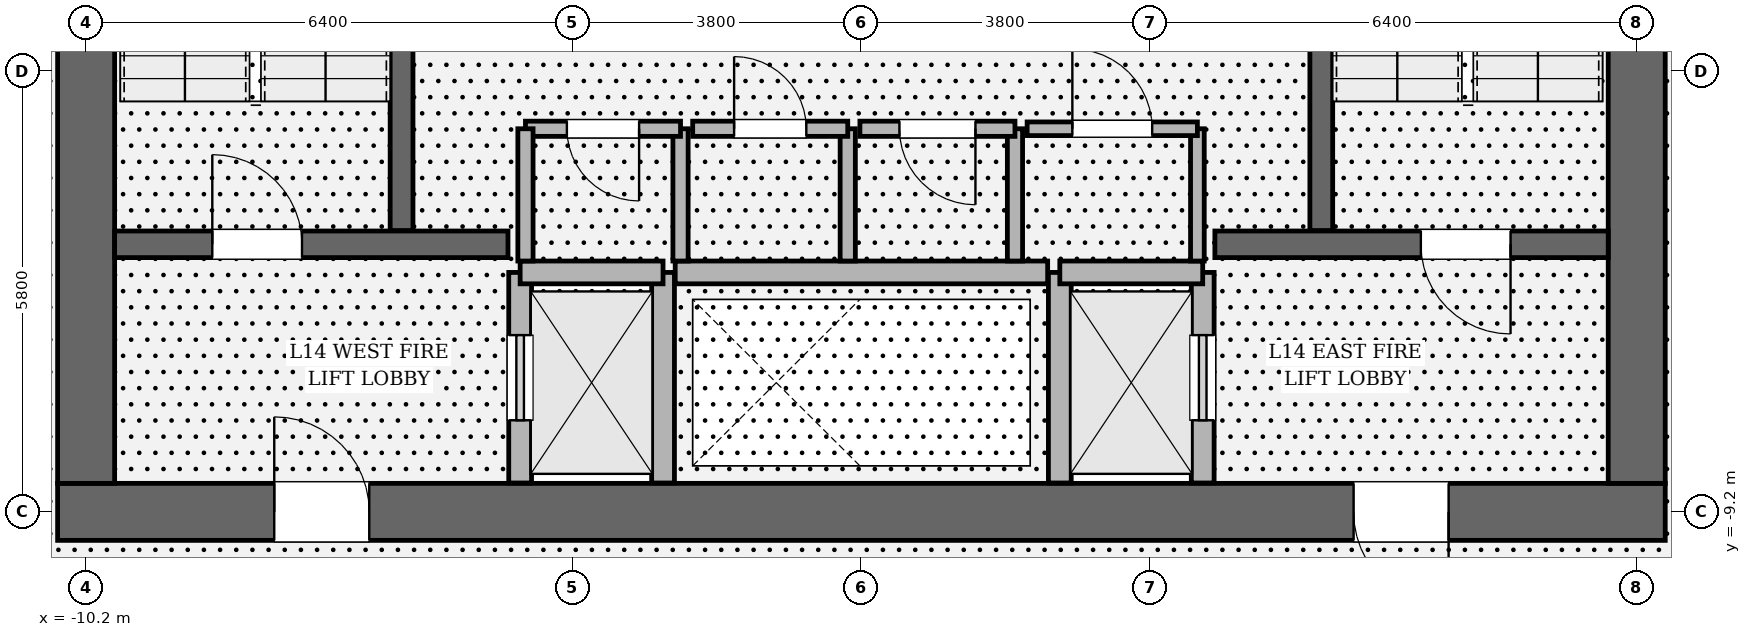
"""IFC4 building model, lengths in metres.
Left out: names, types, materials, properties, quantities, classifications, styles, units other than length and angle.
Written with IfcOpenShell. Run it as: python <this file> out.ifc"""

import sys

from ifc_helpers import new_model, si_unit, direction, frame, frame_2d, origin, place, context, subcontext, project, spatial, rectangle, extrude, element, fill, save


model = new_model("IFC4")
c1 = context("Model", 3, precision=1e-05, world=origin(), true_north=direction((0.0, 1.0)))
c2 = subcontext(c1, "Body", "Model", "MODEL_VIEW")
j1 = project(units=[si_unit("LENGTHUNIT", "METRE"), si_unit("PLANEANGLEUNIT", "RADIAN")], contexts=[c1])
p1 = place(None, origin())
s1 = spatial("IfcSite", under=j1, at=p1, CompositionType="ELEMENT")
p2 = place(p1, origin())
s2 = spatial("IfcBuilding", under=s1, at=p2, CompositionType="ELEMENT")
p3 = place(p2, frame((0.0, 0.0, 64.65)))
s3 = spatial("IfcBuildingStorey", under=s2, at=p3, CompositionType="ELEMENT", Elevation=64.65)
p4 = place(p3, frame((10.575, -9.2, 0.0), z_axis=(0.0, 0.0, 1.0), x_axis=(-1.0, 0.0, 0.0)))
e1 = element("IfcWall", 1, at=p4, inside=s3, PredefinedType="SHEAR", context=c2, shape_type="SweptSolid", body=[
    extrude(rectangle(XDim=21.15, YDim=0.75, at=frame_2d((10.575, 0.0))), origin(), (0.0, 0.0, 1.0), 4.05),
])
p5 = place(p4, frame((2.85, 0.0, 0.0)))
e2 = element("IfcOpeningElement", 2, at=p5, cuts=e1, PredefinedType="OPENING", context=c2, shape_type="SweptSolid", body=[
    extrude(rectangle(XDim=1.25, YDim=2.25, at=frame_2d((0.625, 1.125))), frame((0.0, 0.385, 0.0), z_axis=(0.0, -1.0, 0.0), x_axis=(1.0, 0.0, 0.0)), (0.0, 0.0, 1.0), 0.77),
])
p6 = place(p4, frame((17.05, 0.0, 0.0)))
e3 = element("IfcOpeningElement", 3, at=p6, cuts=e1, PredefinedType="OPENING", context=c2, shape_type="SweptSolid", body=[
    extrude(rectangle(XDim=1.25, YDim=2.25, at=frame_2d((0.625, 1.125))), frame((0.0, 0.385, 0.0), z_axis=(0.0, -1.0, 0.0), x_axis=(1.0, 0.0, 0.0)), (0.0, 0.0, 1.0), 0.77),
])
p7 = place(p3, frame((-10.2, -8.825, 0.0), z_axis=(0.0, 0.0, 1.0), x_axis=(0.0, 1.0, 0.0)))
e4 = element("IfcWall", 4, at=p7, inside=s3, PredefinedType="SHEAR", context=c2, shape_type="SweptSolid", body=[
    extrude(rectangle(XDim=17.65, YDim=0.75, at=frame_2d((8.825, 0.0))), origin(), (0.0, 0.0, 1.0), 4.05),
])
p8 = place(p7, frame((12.615, 0.0, 0.0)))
e5 = element("IfcOpeningElement", 5, at=p8, cuts=e4, PredefinedType="OPENING", context=c2, shape_type="SweptSolid", body=[
    extrude(rectangle(XDim=1.18, YDim=2.2, at=frame_2d((0.59, 1.1))), frame((0.0, 0.385, 0.0), z_axis=(0.0, -1.0, 0.0), x_axis=(1.0, 0.0, 0.0)), (0.0, 0.0, 1.0), 0.77),
])
p9 = place(p3, frame((10.2, 8.825, 0.0), z_axis=(0.0, 0.0, 1.0), x_axis=(0.0, -1.0, 0.0)))
e6 = element("IfcWall", 6, at=p9, inside=s3, PredefinedType="SHEAR", context=c2, shape_type="SweptSolid", body=[
    extrude(rectangle(XDim=17.65, YDim=0.75, at=frame_2d((8.825, 0.0))), origin(), (0.0, 0.0, 1.0), 4.05),
])
p10 = place(p9, frame((3.855, 0.0, 0.0)))
e7 = element("IfcOpeningElement", 7, at=p10, cuts=e6, PredefinedType="OPENING", context=c2, shape_type="SweptSolid", body=[
    extrude(rectangle(XDim=1.18, YDim=2.2, at=frame_2d((0.59, 1.1))), frame((0.0, 0.385, 0.0), z_axis=(0.0, -1.0, 0.0), x_axis=(1.0, 0.0, 0.0)), (0.0, 0.0, 1.0), 0.77),
])
for number, where, z_axis, x_axis in (
    (8, (-6.05, -5.5, 0.0), (0.0, 0.0, 1.0), (0.0, 1.0, 0.0)),
    (9, (6.05, 3.45, 0.0), (0.0, 0.0, 1.0), (0.0, -1.0, 0.0)),
):
    element("IfcWall", number, at=place(p3, frame(where, z_axis=z_axis, x_axis=x_axis)), inside=s3, PredefinedType="SOLIDWALL", context=c2, shape_type="SweptSolid", body=[
        extrude(rectangle(XDim=8.95, YDim=0.3, at=frame_2d((4.475, 0.0))), origin(), (0.0, 0.0, 1.0), 4.05),
    ])
p11 = place(p3, frame((-9.825, -5.68, 0.0), z_axis=(0.0, 0.0, 1.0), x_axis=(1.0, 0.0, 0.0)))
e10 = element("IfcWall", 10, at=p11, inside=s3, PredefinedType="SOLIDWALL", context=c2, shape_type="SweptSolid", body=[
    extrude(rectangle(XDim=5.175, YDim=0.35, at=frame_2d((2.587, 0.0))), origin(), (0.0, 0.0, 1.0), 4.05),
])
p12 = place(p11, frame((1.285, 0.0, 0.0)))
e11 = element("IfcOpeningElement", 11, at=p12, cuts=e10, PredefinedType="OPENING", context=c2, shape_type="SweptSolid", body=[
    extrude(rectangle(XDim=1.18, YDim=2.2, at=frame_2d((0.59, 1.1))), frame((0.0, 0.185, 0.0), z_axis=(0.0, -1.0, 0.0), x_axis=(1.0, 0.0, 0.0)), (0.0, 0.0, 1.0), 0.37),
])
p13 = place(p3, frame((4.65, -5.68, 0.0), z_axis=(0.0, 0.0, 1.0), x_axis=(1.0, 0.0, 0.0)))
e12 = element("IfcWall", 12, at=p13, inside=s3, PredefinedType="SOLIDWALL", context=c2, shape_type="SweptSolid", body=[
    extrude(rectangle(XDim=5.175, YDim=0.35, at=frame_2d((2.587, 0.0))), origin(), (0.0, 0.0, 1.0), 4.05),
])
p14 = place(p13, frame((2.71, 0.0, 0.0)))
e13 = element("IfcOpeningElement", 13, at=p14, cuts=e12, PredefinedType="OPENING", context=c2, shape_type="SweptSolid", body=[
    extrude(rectangle(XDim=1.18, YDim=2.2, at=frame_2d((0.59, 1.1))), frame((0.0, 0.185, 0.0), z_axis=(0.0, -1.0, 0.0), x_axis=(1.0, 0.0, 0.0)), (0.0, 0.0, 1.0), 0.37),
])
p15 = place(p3, frame((-4.49, -8.82, 0.0), z_axis=(0.0, 0.0, 1.0), x_axis=(0.0, 1.0, 0.0)))
e14 = element("IfcWall", 14, at=p15, inside=s3, PredefinedType="SOLIDWALL", context=c2, shape_type="SweptSolid", body=[
    extrude(rectangle(XDim=2.77, YDim=0.3, at=frame_2d((1.385, 0.0))), origin(), (0.0, 0.0, 1.0), 3.81),
])
p16 = place(p15, frame((0.825, 0.0, 0.0)))
e15 = element("IfcOpeningElement", 15, at=p16, cuts=e14, PredefinedType="OPENING", context=c2, shape_type="SweptSolid", body=[
    extrude(rectangle(XDim=1.12, YDim=2.25, at=frame_2d((0.56, 1.125))), frame((0.0, 0.16, 0.0), z_axis=(0.0, -1.0, 0.0), x_axis=(1.0, 0.0, 0.0)), (0.0, 0.0, 1.0), 0.32),
])
p17 = place(p3, frame((-2.61, -8.82, 0.0), z_axis=(0.0, 0.0, 1.0), x_axis=(0.0, 1.0, 0.0)))
e16 = element("IfcWall", 16, at=p17, inside=s3, PredefinedType="SOLIDWALL", context=c2, shape_type="SweptSolid", body=[
    extrude(rectangle(XDim=2.77, YDim=0.3, at=frame_2d((1.385, 0.0))), origin(), (0.0, 0.0, 1.0), 3.81),
])
p18 = place(p3, frame((-4.49, -6.05, 0.0), z_axis=(0.0, 0.0, 1.0), x_axis=(1.0, 0.0, 0.0)))
e17 = element("IfcWall", 17, at=p18, inside=s3, PredefinedType="SOLIDWALL", context=c2, shape_type="SweptSolid", body=[
    extrude(rectangle(XDim=1.88, YDim=0.3, at=frame_2d((0.94, 0.0))), origin(), (0.0, 0.0, 1.0), 3.81),
])
p19 = place(p3, frame((4.49, -8.82, 0.0), z_axis=(0.0, 0.0, 1.0), x_axis=(0.0, 1.0, 0.0)))
e18 = element("IfcWall", 18, at=p19, inside=s3, PredefinedType="SOLIDWALL", context=c2, shape_type="SweptSolid", body=[
    extrude(rectangle(XDim=2.77, YDim=0.3, at=frame_2d((1.385, 0.0))), origin(), (0.0, 0.0, 1.0), 3.81),
])
p20 = place(p19, frame((0.825, 0.0, 0.0)))
e19 = element("IfcOpeningElement", 19, at=p20, cuts=e18, PredefinedType="OPENING", context=c2, shape_type="SweptSolid", body=[
    extrude(rectangle(XDim=1.12, YDim=2.25, at=frame_2d((0.56, 1.125))), frame((0.0, 0.16, 0.0), z_axis=(0.0, -1.0, 0.0), x_axis=(1.0, 0.0, 0.0)), (0.0, 0.0, 1.0), 0.32),
])
p21 = place(p3, frame((2.61, -8.82, 0.0), z_axis=(0.0, 0.0, 1.0), x_axis=(0.0, 1.0, 0.0)))
e20 = element("IfcWall", 20, at=p21, inside=s3, PredefinedType="SOLIDWALL", context=c2, shape_type="SweptSolid", body=[
    extrude(rectangle(XDim=2.77, YDim=0.3, at=frame_2d((1.385, 0.0))), origin(), (0.0, 0.0, 1.0), 3.81),
])
p22 = place(p3, frame((2.61, -6.05, 0.0), z_axis=(0.0, 0.0, 1.0), x_axis=(1.0, 0.0, 0.0)))
e21 = element("IfcWall", 21, at=p22, inside=s3, PredefinedType="SOLIDWALL", context=c2, shape_type="SweptSolid", body=[
    extrude(rectangle(XDim=1.88, YDim=0.3, at=frame_2d((0.94, 0.0))), origin(), (0.0, 0.0, 1.0), 3.81),
])
p23 = place(p3, frame((-2.45, -6.05, 0.0), z_axis=(0.0, 0.0, 1.0), x_axis=(1.0, 0.0, 0.0)))
e22 = element("IfcWall", 22, at=p23, inside=s3, PredefinedType="SOLIDWALL", context=c2, shape_type="SweptSolid", body=[
    extrude(rectangle(XDim=4.9, YDim=0.3, at=frame_2d((2.45, 0.0))), origin(), (0.0, 0.0, 1.0), 3.81),
])
p24 = place(p3, frame((-2.38, -5.9, 0.0), z_axis=(0.0, 0.0, 1.0), x_axis=(0.0, 1.0, 0.0)))
e23 = element("IfcWall", 23, at=p24, inside=s3, PredefinedType="SOLIDWALL", context=c2, shape_type="SweptSolid", body=[
    extrude(rectangle(XDim=1.74, YDim=0.2, at=frame_2d((0.87, 0.0))), origin(), (0.0, 0.0, 1.0), 3.81),
])
p25 = place(p3, frame((-2.38, -4.16, 0.0), z_axis=(0.0, 0.0, 1.0), x_axis=(-1.0, 0.0, 0.0)))
e24 = element("IfcWall", 24, at=p25, inside=s3, PredefinedType="SOLIDWALL", context=c2, shape_type="SweptSolid", body=[
    extrude(rectangle(XDim=2.04, YDim=0.2, at=frame_2d((1.02, 0.0))), origin(), (0.0, 0.0, 1.0), 3.81),
])
p26 = place(p25, frame((0.545, 0.0, 0.0)))
e25 = element("IfcOpeningElement", 25, at=p26, cuts=e24, PredefinedType="OPENING", context=c2, shape_type="SweptSolid", body=[
    extrude(rectangle(XDim=0.95, YDim=2.15, at=frame_2d((0.475, 1.075))), frame((0.0, 0.11, 0.0), z_axis=(0.0, -1.0, 0.0), x_axis=(1.0, 0.0, 0.0)), (0.0, 0.0, 1.0), 0.22),
])
for number, where, z_axis, x_axis in (
    (26, (-4.42, -4.16, 0.0), (0.0, 0.0, 1.0), (0.0, -1.0, 0.0)),
    (27, (-0.18, -5.9, 0.0), (0.0, 0.0, 1.0), (0.0, 1.0, 0.0)),
):
    element("IfcWall", number, at=place(p3, frame(where, z_axis=z_axis, x_axis=x_axis)), inside=s3, PredefinedType="SOLIDWALL", context=c2, shape_type="SweptSolid", body=[
        extrude(rectangle(XDim=1.74, YDim=0.2, at=frame_2d((0.87, 0.0))), origin(), (0.0, 0.0, 1.0), 3.81),
    ])
p27 = place(p3, frame((-0.18, -4.16, 0.0), z_axis=(0.0, 0.0, 1.0), x_axis=(-1.0, 0.0, 0.0)))
e28 = element("IfcWall", 28, at=p27, inside=s3, PredefinedType="SOLIDWALL", context=c2, shape_type="SweptSolid", body=[
    extrude(rectangle(XDim=2.04, YDim=0.2, at=frame_2d((1.02, 0.0))), origin(), (0.0, 0.0, 1.0), 3.81),
])
p28 = place(p27, frame((0.545, 0.0, 0.0)))
e29 = element("IfcOpeningElement", 29, at=p28, cuts=e28, PredefinedType="OPENING", context=c2, shape_type="SweptSolid", body=[
    extrude(rectangle(XDim=0.95, YDim=2.15, at=frame_2d((0.475, 1.075))), frame((0.0, 0.11, 0.0), z_axis=(0.0, -1.0, 0.0), x_axis=(1.0, 0.0, 0.0)), (0.0, 0.0, 1.0), 0.22),
])
p29 = place(p3, frame((2.02, -5.9, 0.0), z_axis=(0.0, 0.0, 1.0), x_axis=(0.0, 1.0, 0.0)))
e30 = element("IfcWall", 30, at=p29, inside=s3, PredefinedType="SOLIDWALL", context=c2, shape_type="SweptSolid", body=[
    extrude(rectangle(XDim=1.74, YDim=0.2, at=frame_2d((0.87, 0.0))), origin(), (0.0, 0.0, 1.0), 3.81),
])
p30 = place(p3, frame((2.02, -4.16, 0.0), z_axis=(0.0, 0.0, 1.0), x_axis=(-1.0, 0.0, 0.0)))
e31 = element("IfcWall", 31, at=p30, inside=s3, PredefinedType="SOLIDWALL", context=c2, shape_type="SweptSolid", body=[
    extrude(rectangle(XDim=2.04, YDim=0.2, at=frame_2d((1.02, 0.0))), origin(), (0.0, 0.0, 1.0), 3.81),
])
p31 = place(p30, frame((0.52, 0.0, 0.0)))
e32 = element("IfcOpeningElement", 32, at=p31, cuts=e31, PredefinedType="OPENING", context=c2, shape_type="SweptSolid", body=[
    extrude(rectangle(XDim=1.0, YDim=2.15, at=frame_2d((0.5, 1.075))), frame((0.0, 0.11, 0.0), z_axis=(0.0, -1.0, 0.0), x_axis=(1.0, 0.0, 0.0)), (0.0, 0.0, 1.0), 0.22),
])
p32 = place(p3, frame((4.42, -5.9, 0.0), z_axis=(0.0, 0.0, 1.0), x_axis=(0.0, 1.0, 0.0)))
e33 = element("IfcWall", 33, at=p32, inside=s3, PredefinedType="PARTITIONING", context=c2, shape_type="SweptSolid", body=[
    extrude(rectangle(XDim=1.74, YDim=0.18, at=frame_2d((0.87, 0.0))), origin(), (0.0, 0.0, 1.0), 3.81),
])
p33 = place(p3, frame((4.42, -4.16, 0.0), z_axis=(0.0, 0.0, 1.0), x_axis=(-1.0, 0.0, 0.0)))
e34 = element("IfcWall", 34, at=p33, inside=s3, PredefinedType="PARTITIONING", context=c2, shape_type="SweptSolid", body=[
    extrude(rectangle(XDim=2.24, YDim=0.18, at=frame_2d((1.12, 0.0))), origin(), (0.0, 0.0, 1.0), 3.81),
])
p34 = place(p33, frame((0.595, 0.0, 0.0)))
e35 = element("IfcOpeningElement", 35, at=p34, cuts=e34, PredefinedType="OPENING", context=c2, shape_type="SweptSolid", body=[
    extrude(rectangle(XDim=1.05, YDim=2.2, at=frame_2d((0.525, 1.1))), frame((0.0, 0.1, 0.0), z_axis=(0.0, -1.0, 0.0), x_axis=(1.0, 0.0, 0.0)), (0.0, 0.0, 1.0), 0.2),
])
p35 = place(p12, origin())
e36 = element("IfcDoor", 36, at=p35, inside=s3, OperationType="SINGLE_SWING_LEFT", PredefinedType="DOOR", context=c2, shape_type="SweptSolid", body=[
    extrude(rectangle(XDim=1.18, YDim=2.2, at=frame_2d((0.59, 1.1))), frame((0.0, 0.025, 0.0), z_axis=(0.0, -1.0, 0.0), x_axis=(1.0, 0.0, 0.0)), (0.0, 0.0, 1.0), 0.05),
])
fill(e11, e36)
p36 = place(p14, origin())
e37 = element("IfcDoor", 37, at=p36, inside=s3, OperationType="SINGLE_SWING_RIGHT", PredefinedType="DOOR", context=c2, shape_type="SweptSolid", body=[
    extrude(rectangle(XDim=1.18, YDim=2.2, at=frame_2d((0.59, 1.1))), frame((0.0, 0.025, 0.0), z_axis=(0.0, -1.0, 0.0), x_axis=(1.0, 0.0, 0.0)), (0.0, 0.0, 1.0), 0.05),
])
fill(e13, e37)
p37 = place(p5, origin())
e38 = element("IfcDoor", 38, at=p37, inside=s3, OperationType="SINGLE_SWING_LEFT", PredefinedType="DOOR", context=c2, shape_type="SweptSolid", body=[
    extrude(rectangle(XDim=1.25, YDim=2.25, at=frame_2d((0.625, 1.125))), frame((0.0, 0.025, 0.0), z_axis=(0.0, -1.0, 0.0), x_axis=(1.0, 0.0, 0.0)), (0.0, 0.0, 1.0), 0.05),
])
fill(e2, e38)
p38 = place(p6, origin())
e39 = element("IfcDoor", 39, at=p38, inside=s3, OperationType="SINGLE_SWING_RIGHT", PredefinedType="DOOR", context=c2, shape_type="SweptSolid", body=[
    extrude(rectangle(XDim=1.25, YDim=2.25, at=frame_2d((0.625, 1.125))), frame((0.0, 0.025, 0.0), z_axis=(0.0, -1.0, 0.0), x_axis=(1.0, 0.0, 0.0)), (0.0, 0.0, 1.0), 0.05),
])
fill(e3, e39)
p39 = place(p16, origin())
e40 = element("IfcDoor", 40, at=p39, inside=s3, OperationType="SLIDING_TO_LEFT", PredefinedType="DOOR", context=c2, shape_type="SweptSolid", body=[
    extrude(rectangle(XDim=1.12, YDim=2.25, at=frame_2d((0.56, 1.125))), frame((0.0, 0.025, 0.0), z_axis=(0.0, -1.0, 0.0), x_axis=(1.0, 0.0, 0.0)), (0.0, 0.0, 1.0), 0.05),
])
fill(e15, e40)
p40 = place(p20, origin())
e41 = element("IfcDoor", 41, at=p40, inside=s3, OperationType="SLIDING_TO_RIGHT", PredefinedType="DOOR", context=c2, shape_type="SweptSolid", body=[
    extrude(rectangle(XDim=1.12, YDim=2.25, at=frame_2d((0.56, 1.125))), frame((0.0, 0.025, 0.0), z_axis=(0.0, -1.0, 0.0), x_axis=(1.0, 0.0, 0.0)), (0.0, 0.0, 1.0), 0.05),
])
fill(e19, e41)
p41 = place(p26, origin())
e42 = element("IfcDoor", 42, at=p41, inside=s3, OperationType="SINGLE_SWING_LEFT", PredefinedType="DOOR", context=c2, shape_type="SweptSolid", body=[
    extrude(rectangle(XDim=0.95, YDim=2.15, at=frame_2d((0.475, 1.075))), frame((0.0, 0.025, 0.0), z_axis=(0.0, -1.0, 0.0), x_axis=(1.0, 0.0, 0.0)), (0.0, 0.0, 1.0), 0.05),
])
fill(e25, e42)
p42 = place(p28, origin())
e43 = element("IfcDoor", 43, at=p42, inside=s3, OperationType="SINGLE_SWING_RIGHT", PredefinedType="DOOR", context=c2, shape_type="SweptSolid", body=[
    extrude(rectangle(XDim=0.95, YDim=2.15, at=frame_2d((0.475, 1.075))), frame((0.0, 0.025, 0.0), z_axis=(0.0, -1.0, 0.0), x_axis=(1.0, 0.0, 0.0)), (0.0, 0.0, 1.0), 0.05),
])
fill(e29, e43)
p43 = place(p31, origin())
e44 = element("IfcDoor", 44, at=p43, inside=s3, OperationType="SINGLE_SWING_LEFT", PredefinedType="DOOR", context=c2, shape_type="SweptSolid", body=[
    extrude(rectangle(XDim=1.0, YDim=2.15, at=frame_2d((0.5, 1.075))), frame((0.0, 0.025, 0.0), z_axis=(0.0, -1.0, 0.0), x_axis=(1.0, 0.0, 0.0)), (0.0, 0.0, 1.0), 0.05),
])
fill(e32, e44)
p44 = place(p34, origin())
e45 = element("IfcDoor", 45, at=p44, inside=s3, OperationType="SINGLE_SWING_RIGHT", PredefinedType="DOOR", context=c2, shape_type="SweptSolid", body=[
    extrude(rectangle(XDim=1.05, YDim=2.2, at=frame_2d((0.525, 1.1))), frame((0.0, 0.025, 0.0), z_axis=(0.0, -1.0, 0.0), x_axis=(1.0, 0.0, 0.0)), (0.0, 0.0, 1.0), 0.05),
])
fill(e35, e45)
save(model, sys.argv[1])

——————

What you need to do:
Only the lines from the start of the material through the line containing "p5 = place(p4, frame((2.85, 0.0, 0.0)))" should be transcribed. Pictures stay out.

Result:
"""IFC4 building model, lengths in metres.
Left out: names, types, materials, properties, quantities, classifications, styles, units other than length and angle.
Written with IfcOpenShell. Run it as: python <this file> out.ifc"""

import sys

from ifc_helpers import new_model, si_unit, direction, frame, frame_2d, origin, place, context, subcontext, project, spatial, rectangle, extrude, element, fill, save


model = new_model("IFC4")
c1 = context("Model", 3, precision=1e-05, world=origin(), true_north=direction((0.0, 1.0)))
c2 = subcontext(c1, "Body", "Model", "MODEL_VIEW")
j1 = project(units=[si_unit("LENGTHUNIT", "METRE"), si_unit("PLANEANGLEUNIT", "RADIAN")], contexts=[c1])
p1 = place(None, origin())
s1 = spatial("IfcSite", under=j1, at=p1, CompositionType="ELEMENT")
p2 = place(p1, origin())
s2 = spatial("IfcBuilding", under=s1, at=p2, CompositionType="ELEMENT")
p3 = place(p2, frame((0.0, 0.0, 64.65)))
s3 = spatial("IfcBuildingStorey", under=s2, at=p3, CompositionType="ELEMENT", Elevation=64.65)
p4 = place(p3, frame((10.575, -9.2, 0.0), z_axis=(0.0, 0.0, 1.0), x_axis=(-1.0, 0.0, 0.0)))
e1 = element("IfcWall", 1, at=p4, inside=s3, PredefinedType="SHEAR", context=c2, shape_type="SweptSolid", body=[
    extrude(rectangle(XDim=21.15, YDim=0.75, at=frame_2d((10.575, 0.0))), origin(), (0.0, 0.0, 1.0), 4.05),
])
p5 = place(p4, frame((2.85, 0.0, 0.0)))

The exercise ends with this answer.